Prompt: Using the data below, return all lines in which "other" appears.

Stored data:
-------------------------

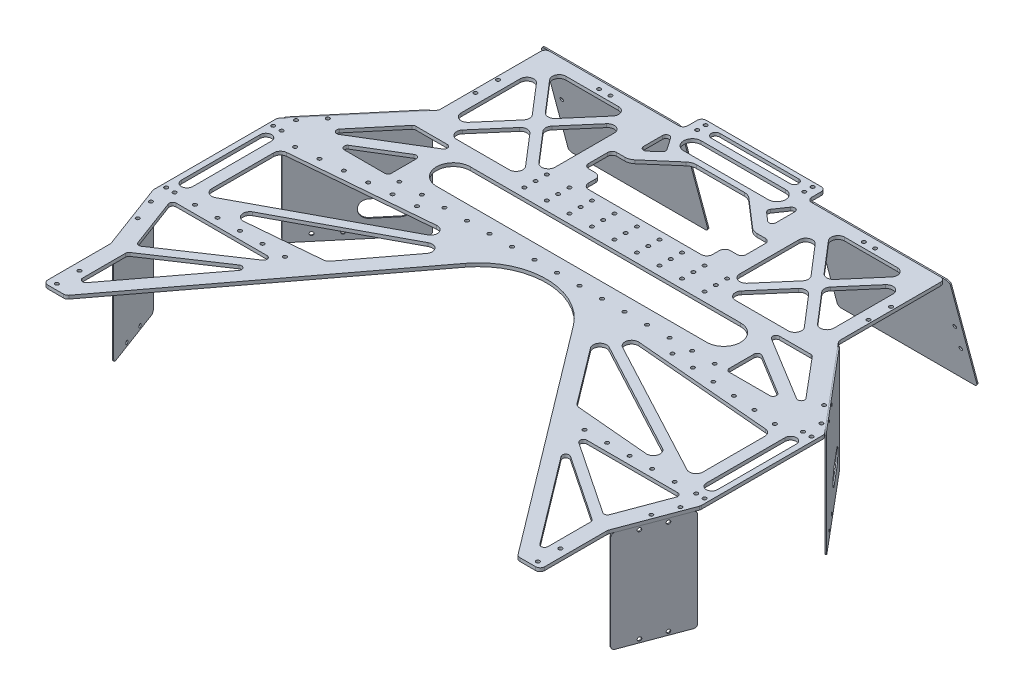
SolidWorks part; units mm, degrees
material "哈碳纤"
ref_plane "前视基准面" through (0, 0, 0) normal (0, 0, 1) x (1, 0, 0)
ref_plane "上视基准面" through (0, 0, 0) normal (0, 1, 0) x (1, 0, 0)
ref_plane "右视基准面" through (0, 0, 0) normal (1, 0, 0) x (0, 0, -1)
other "Configuration Table"
sketch "草图1" plane through (0, 0, 0) normal (0, 1, 0) x (1, 0, 0)
  line L0 (0, -705.937) -> (0, 34590.9145) construction
  line L1 (-55, 0) -> (55, 0)
  line L4 (177.5, -16.4193) -> (177.5, -111)
  line L5 (-177.5, -16.4193) -> (-177.5, -111)
  line L8 (177.5, -111) -> (243, -189)
  line L9 (-177.5, -111) -> (-243, -189)
  line L10 (243, -189) -> (243, -299)
  line L11 (-243, -189) -> (-243, -299)
  line L12 (243, -299) -> (220.55, -359)
  line L13 (-243, -299) -> (-220.55, -359)
  line L14 (220.55, -359) -> (220.55, -419)
  line L15 (-220.55, -359) -> (-220.55, -419)
  line L16 (220.55, -419) -> (200.55, -419)
  line L17 (-220.55, -419) -> (-200.55, -419)
  line L21 (239, -196.5) -> (239, -291.5) construction
  line L22 (-239, -196.5) -> (-239, -291.5) construction
  line L23 (200.55, -419) -> (47.8803, -216.841)
  line L24 (-200.55, -419) -> (-47.8803, -216.841)
  line L25 (234.9875, -309) -> (227.9787, -327.7317) construction
  line L26 (-234.9875, -309) -> (-227.9787, -327.7317) construction
  line L27 (220.3428, -166.684) -> (233.2043, -182) construction
  line L28 (-220.3428, -166.684) -> (-233.2043, -182) construction
  line L29 (217.8171, -159.0112) -> (213.2223, -162.8697) construction
  line L30 (213.2223, -162.8697) -> (234.1223, -187.7582) construction
  line L31 (234.1223, -187.7582) -> (238.7171, -183.8998) construction
  line L33 (55, 0) -> (55, -16.4193)
  line L34 (-55, 0) -> (-55, -16.4193)
  line L35 (55, -16.4193) -> (177.5, -16.4193)
  line L36 (-55, -16.4193) -> (-177.5, -16.4193)
  line L37 (177.5, -16.4193) -> (270.5, -16.4193) construction
  line L38 (270.5, -16.4193) -> (270.5, 8.5) construction
  line L39 (270.5, 8.5) -> (177.5, -16.4193) construction
  line L40 (270.5, -16.4193) -> (273.5, -16.4193) construction
  line L41 (273.5, -16.4193) -> (273.5, -15.6154) construction
  line L42 (273.5, -15.6154) -> (270.5, -16.4193) construction
  circle A0 centre (47.5, -4) radius 1.6
  circle A1 centre (-47.5, -4) radius 1.6
  circle A2 centre (47.5, -11.5) radius 1.6
  circle A3 centre (-47.5, -11.5) radius 1.6
  circle A4 centre (231.5, -196.5) radius 1.6
  circle A5 centre (-231.5, -196.5) radius 1.6
  circle A6 centre (239, -196.5) radius 1.6
  circle A7 centre (-239, -196.5) radius 1.6
  circle A8 centre (231.5, -291.5) radius 1.6
  circle A9 centre (-231.5, -291.5) radius 1.6
  circle A10 centre (239, -291.5) radius 1.6
  circle A11 centre (-239, -291.5) radius 1.6
  arc A12 (47.8803, -216.841) -> (-47.8803, -216.841) centre (0, -253) ccw
  circle A13 centre (213.55, -394) radius 1.6
  circle A14 centre (-213.55, -394) radius 1.6
  circle A15 centre (213.55, -414) radius 1.6
  circle A16 centre (-213.55, -414) radius 1.6
  circle A19 centre (234.9875, -309) radius 1.6
  circle A20 centre (227.9787, -327.7317) radius 1.6
  circle A21 centre (-227.9787, -327.7317) radius 1.6
  circle A22 centre (-234.9875, -309) radius 1.6
  circle A23 centre (220.3428, -166.684) radius 1.6
  circle A24 centre (233.2043, -182) radius 1.6
  circle A25 centre (-233.2043, -182) radius 1.6
  circle A26 centre (-220.3428, -166.684) radius 1.6
  circle A27 centre (112.5, -23.6154) radius 1.6
  circle A28 centre (122.5, -23.6154) radius 1.6
  circle A29 centre (-122.5, -23.6154) radius 1.6
  circle A30 centre (-112.5, -23.6154) radius 1.6
  circle A31 centre (174.5, -61.4193) radius 1.6
  circle A32 centre (174.5, -81.4193) radius 1.6
  circle A33 centre (-174.5, -81.4193) radius 1.6
  circle A34 centre (-174.5, -61.4193) radius 1.6
  point P6 (0, 0)
  point P24 (0, -318.0619)
  point P47 (239, -244)
  point P50 (243, -244)
extrude "凸台-拉伸1" add sketch "草图1" along normal blind 3
sketch "草图2" plane through (311.2944, 0, 116.476) normal (0.9366, 0, 0.3504) x (0.3504, 0, -0.9366)
  line L1 (-196.8824, 0) -> (-256.8824, 0)
  line L2 (-196.8824, 0) -> (-196.8824, -90)
  line L3 (-196.8824, -90) -> (-256.8824, -90)
  line L4 (-256.8824, 0) -> (-256.8824, -90)
  line L5 (-258.9449, 0) -> (-194.8824, 0) construction
  line L7 (-256.8824, -45) -> (-196.8824, -45) construction
  line L8 (-227.0561, 3) -> (-227.0561, 0) construction
  line L9 (-194.8824, 3) -> (-194.8824, 0) construction
  circle A0 centre (-237.0561, -3) radius 1.6
  circle A1 centre (-217.0561, -3) radius 1.6
  circle A2 centre (-217.0561, -87) radius 1.6
  circle A3 centre (-237.0561, -87) radius 1.6
  dimension "D3" = 3
  dimension "D4" = 3.2
  dimension "D1" = 90
  dimension "D2" = 60
  dimension "D5" = 20
  dimension "D6" = 10
  dimension "D7" = 2
extrude "凸台-拉伸2" add sketch "草图2" against normal blind 1 separate body
sketch "草图3" plane through (49.4311, 0, -41.5095) normal (0.7658, 0, -0.6431) x (-0.6431, 0, -0.7658)
  line L0 (-301.0042, 3) -> (-199.1501, 3) construction
  line L1 (-298.0042, 3) -> (-203.0042, 3)
  line L2 (-298.0042, 3) -> (-298.0042, -93)
  line L3 (-298.0042, -93) -> (-203.0042, -93)
  line L4 (-203.0042, 3) -> (-203.0042, -93)
  line L5 (-301.0042, 3) -> (-301.0042, 0) construction
  line L6 (-298.0042, -45) -> (-203.0042, -45) construction
  line L7 (-289.3442, 3) -> (-289.3442, 0) construction
  circle A0 centre (-279.3442, -3) radius 1.6
  circle A1 centre (-259.3442, -3) radius 1.6
  circle A2 centre (-259.3442, -87) radius 1.6
  circle A3 centre (-279.3442, -87) radius 1.6
  dimension "D4" = 6
  dimension "D5" = 3.2
  dimension "D1" = 96
  dimension "D2" = 3
  dimension "D3" = 95
  dimension "D6" = 20
  dimension "D7" = 10
extrude "凸台-拉伸3" add sketch "草图3" along normal blind 1 separate body
sketch "草图6" plane through (177.5, 0, 0) normal (1, 0, 0) x (0, 0, -1)
  line L0 (-16.4193, 3) -> (8.5, -90)
  line L1 (8.5, -90) -> (9.4659, -89.7412)
  line L2 (9.4659, -89.7412) -> (-15.4533, 3.2588)
  line L3 (-15.4533, 3.2588) -> (-16.4193, 3)
  line L4 (-111, 0) -> (-16.4193, 0) construction
  line L6 (-16.4193, 3) -> (-16.4193, 0) construction
  line L7 (-16.4193, 3) -> (-16.4193, 0) construction
  dimension "D1" = 1
  dimension "D2" = 105
  dimension "D3" = 93
extrude "凸台-拉伸5" add sketch "草图6" against normal blind 120 and the other way blind 4 separate body
sketch "草图7" plane through (0, -3.645, 13.6035) normal (0, 0.2588, -0.9659) x (-1, 0, 0)
  line L3 (-122.5, 9.0099) -> (-122.5, 6.1121) construction
  line L4 (-177.5, 4.2496) -> (-55, 4.2496) construction
  line L5 (-181.5, -89.1333) -> (-181.5, 7.1474) construction
  line L7 (-177.5, 7.1474) -> (-55, 7.1474) construction
  circle A0 centre (-122.5, -3.7504) radius 1.6
  circle A1 centre (-112.5, -3.7504) radius 1.6
  circle A2 centre (-174.5, -37.8526) radius 1.6
  circle A3 centre (-174.5, -57.8526) radius 1.6
  dimension "D1" = 10
  dimension "D3" = 3.2
  dimension "D4" = 20
  dimension "D2" = 8
  dimension "D5" = 7
  dimension "D6" = 45
extrude "切除-拉伸2" cut sketch "草图7" against normal blind 1
fillet "圆角1" radius 3 4 edges at (241.8308, 0, 300.698) (220.8045, 0, 356.8931) (241.8308, -90, 300.698) (220.8045, -90, 356.8931)
fillet "圆角2" radius 3 4 edges at (241.4537, 3, 186.3811) (180.3614, 3, 113.6299) (180.3614, -93, 113.6299) (241.4537, -93, 186.3811)
fillet "圆角3" radius 3 4 edges at (181.5, 3.1294, 15.9363) (57.5, -89.8706, -8.983) (57.5, 3.1294, 15.9363) (181.5, -89.8706, -8.983)
sketch "草图9" plane through (50.1969, 0, -42.1526) normal (0.7658, 0, -0.6431) x (-0.6431, 0, -0.7658)
  line L0 (-243.0042, -70) -> (-223.0042, -70) construction
  line L1 (-243.0042, -62.5) -> (-223.0042, -62.5)
  line L2 (-243.0042, -77.5) -> (-223.0042, -77.5)
  line L3 (-203.0042, -90) -> (-203.0042, 0) construction
  line L4 (-295.0042, -93) -> (-206.0042, -93) construction
  arc A0 (-243.0042, -62.5) -> (-243.0042, -77.5) centre (-243.0042, -70) ccw
  arc A1 (-223.0042, -77.5) -> (-223.0042, -62.5) centre (-223.0042, -70) ccw
  point P2 (-233.0042, -70)
  dimension "D1" = 20
  dimension "D2" = 30
  dimension "D3" = 23
  dimension "D4" = 15
extrude "切除-拉伸4" cut sketch "草图9" against normal blind 10
mirror "镜向1" about plane through (0, 0, 0) normal (1, 0, 0) of bodies 107 117 115 109 113
sketch "草图4" plane through (0, 3, 0) normal (0, 1, 0) x (1, 0, 0)
  line L0 (55, 0) -> (-55, 0) construction
  line L1 (-50, -105.5) -> (50, -105.5)
  line L3 (-21.2697, -38.5) -> (21.2697, -38.5)
  line L5 (-55, -105.5) -> (55, -38.5) construction
  line L6 (-55, -38.5) -> (55, -105.5) construction
  line L8 (-70, -85.5) -> (-70, -68.5)
  line L9 (-60, -89.5) -> (-66, -89.5)
  line L11 (-58.7303, -64.5) -> (-66, -64.5)
  line L12 (0, 0) -> (0, -105.5) construction
  line L13 (58.7303, -64.5) -> (66, -64.5)
  line L15 (60, -89.5) -> (66, -89.5)
  line L16 (70, -85.5) -> (70, -68.5)
  line L18 (-52.181, -62.0569) -> (-27.819, -40.9431)
  line L21 (52.181, -62.0569) -> (27.819, -40.9431)
  line L22 (-55, -94.5) -> (-55, -100.5)
  line L23 (55, -94.5) -> (55, -100.5)
  arc A0 (-27.819, -40.9431) -> (-21.2697, -38.5) centre (-21.2697, -48.5) cw
  arc A1 (27.819, -40.9431) -> (21.2697, -38.5) centre (21.2697, -48.5) ccw
  arc A2 (58.7303, -64.5) -> (52.181, -62.0569) centre (58.7303, -54.5) cw
  arc A7 (-52.181, -62.0569) -> (-58.7303, -64.5) centre (-58.7303, -54.5) cw
  arc A8 (66, -64.5) -> (70, -68.5) centre (66, -68.5) cw
  arc A9 (66, -89.5) -> (70, -85.5) centre (66, -85.5) ccw
  arc A10 (-66, -89.5) -> (-70, -85.5) centre (-66, -85.5) cw
  arc A11 (-70, -68.5) -> (-66, -64.5) centre (-66, -68.5) cw
  arc A12 (55, -94.5) -> (60, -89.5) centre (60, -94.5) cw
  arc A13 (55, -100.5) -> (50, -105.5) centre (50, -100.5) cw
  arc A14 (-55, -100.5) -> (-50, -105.5) centre (-50, -100.5) ccw
  arc A15 (-55, -94.5) -> (-60, -89.5) centre (-60, -94.5) ccw
  point P0 (0, -72)
  point P9 (-70, -77)
  point P25 (55, -89.5)
  point P29 (-25, -38.5)
  point P32 (25, -38.5)
  point P35 (55, -64.5)
  point P38 (55, -89.5)
  point P41 (25, -105.5)
  point P44 (-25, -105.5)
  point P46 (-55, -89.5)
  point P47 (-55, -89.5)
  point P50 (-55, -64.5)
  point P53 (70, -64.5)
  point P56 (70, -89.5)
  point P59 (-70, -89.5)
  point P62 (-70, -64.5)
  dimension "D9" = 10
  dimension "D10" = 4
  dimension "D7" = 5
  dimension "D1" = 38.5
  dimension "D2" = 67
  dimension "D3" = 110
  dimension "D4" = 15
  dimension "D5" = 25
  dimension "D6" = 50
  dimension "D8" = 5
extrude "切除-拉伸1" cut sketch "草图4" against normal blind 10
sketch "草图8" plane through (0, 3, 0) normal (0, 1, 0) x (1, 0, 0)
  line L0 (0, 0) -> (0, -193) construction
  line L1 (233, -209) -> (233, -279) construction
  line L2 (238, -209) -> (238, -279)
  line L3 (228, -209) -> (228, -279)
  line L4 (-233, -209) -> (-233, -279) construction
  line L5 (-238, -209) -> (-238, -279)
  line L6 (-228, -209) -> (-228, -279)
  line L7 (243, -299) -> (243, -189) construction
  line L8 (239, -196.5) -> (239, -291.5) construction
  line L9 (-239, -196.5) -> (-239, -291.5) construction
  line L10 (206.55, -398.0824) -> (206.55, -360.0284)
  line L11 (-206.55, -398.0824) -> (-206.55, -360.0284)
  line L12 (209.3187, -346.2133) -> (225.4685, -303.0513)
  line L13 (-209.3187, -346.2133) -> (-225.4685, -303.0513)
  line L14 (222.6588, -299) -> (142.0295, -299)
  line L15 (-222.6588, -299) -> (-142.0295, -299)
  line L16 (143.0376, -322.9324) -> (201.156, -399.8904)
  line L17 (-143.0376, -322.9324) -> (-201.156, -399.8904)
  line L18 (220.55, -359) -> (243, -299) construction
  line L19 (47.8803, -216.841) -> (200.55, -419) construction
  line L20 (220.55, -419) -> (220.55, -359) construction
  line L21 (200.55, -419) -> (220.55, -419) construction
  line L22 (124.964, -299) -> (206.55, -353.613) construction
  line L23 (-124.964, -299) -> (-206.55, -353.613) construction
  line L24 (147.1004, -318.6314) -> (205.2188, -357.5354)
  line L25 (-140.3607, -304.493) -> (-204.8402, -347.655)
  line L26 (140.3607, -304.493) -> (204.8402, -347.655)
  line L27 (-147.1004, -318.6314) -> (-205.2188, -357.5354)
  line L28 (122.7389, -302.324) -> (204.3249, -356.9371) construction
  line L29 (-122.7389, -302.324) -> (-204.3249, -356.9371) construction
  line L30 (-127.189, -295.676) -> (-208.7751, -350.289) construction
  line L31 (127.189, -295.676) -> (208.7751, -350.289) construction
  line L32 (-35, -7.75) -> (35, -7.75) construction
  line L33 (-35, -4) -> (35, -4)
  line L34 (-35, -11.5) -> (35, -11.5)
  line L35 (47.5, -4) -> (47.5, -11.5) construction
  line L36 (-47.5, -4) -> (-47.5, -11.5) construction
  line L37 (55, 0) -> (-55, 0) construction
  line L38 (-37.5, -25.75) -> (37.5, -25.75) construction
  line L39 (-37.5, -18) -> (37.5, -18)
  line L40 (-37.5, -33.5) -> (37.5, -33.5)
  line L41 (21.2697, -38.5) -> (-21.2697, -38.5) construction
  line L42 (53.2627, -29.3274) -> (45.9577, -39.893)
  line L43 (-53.2627, -29.3274) -> (-45.9577, -39.893)
  line L44 (46.4606, -43.8662) -> (53.7655, -50.1972)
  line L45 (-46.4606, -43.8662) -> (-53.7655, -50.1972)
  line L46 (58.7303, -47.9301) -> (58.7303, -31.0335)
  line L47 (-58.7303, -47.9301) -> (-58.7303, -31.0335)
  line L48 (52.181, -62.0569) -> (27.819, -40.9431) construction
  line L49 (178.5, -16.4193) -> (60.5, -16.4193) construction
  line L50 (72.678, -226.4463) -> (109.3516, -275.0081)
  line L52 (113.6167, -277.3694) -> (178.5782, -283.0528)
  line L54 (218, -276.4983) -> (218, -211.5017) construction
  line L56 (212.5134, -211.0305) -> (89.801, -200.4916)
  line L58 (-120, -155.5) -> (120, -155.5) construction
  line L59 (-120, -140.5) -> (120, -140.5)
  line L60 (-120, -170.5) -> (120, -170.5)
  line L61 (177.5, -111) -> (177.5, -16.4193) construction
  line L62 (100.3508, -125.5) -> (147.1492, -125.5)
  line L63 (82, -103.1888) -> (82, -50.7305)
  line L64 (100.3508, -28.4193) -> (147.1492, -28.4193)
  line L65 (165.5, -103.1888) -> (165.5, -50.7305)
  line L66 (82, -125.5) -> (165.5, -28.4193) construction
  line L67 (82, -28.4193) -> (165.5, -125.5) construction
  line L68 (70, -85.5) -> (70, -68.5) construction
  line L69 (95.8019, -115.5875) -> (119.2011, -88.3825)
  line L70 (92.5489, -46.818) -> (115.1088, -73.0471)
  line L71 (92.5489, -107.1013) -> (115.1088, -80.8722)
  line L72 (95.8019, -38.3318) -> (119.2011, -65.5368)
  line L73 (-50, -105.5) -> (50, -105.5) construction
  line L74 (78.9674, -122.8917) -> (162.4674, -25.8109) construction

-------------------------

Written answer:
other "Configuration Table"
extrude "凸台-拉伸5" add sketch "草图6" against normal blind 120 and the other way blind 4 separate body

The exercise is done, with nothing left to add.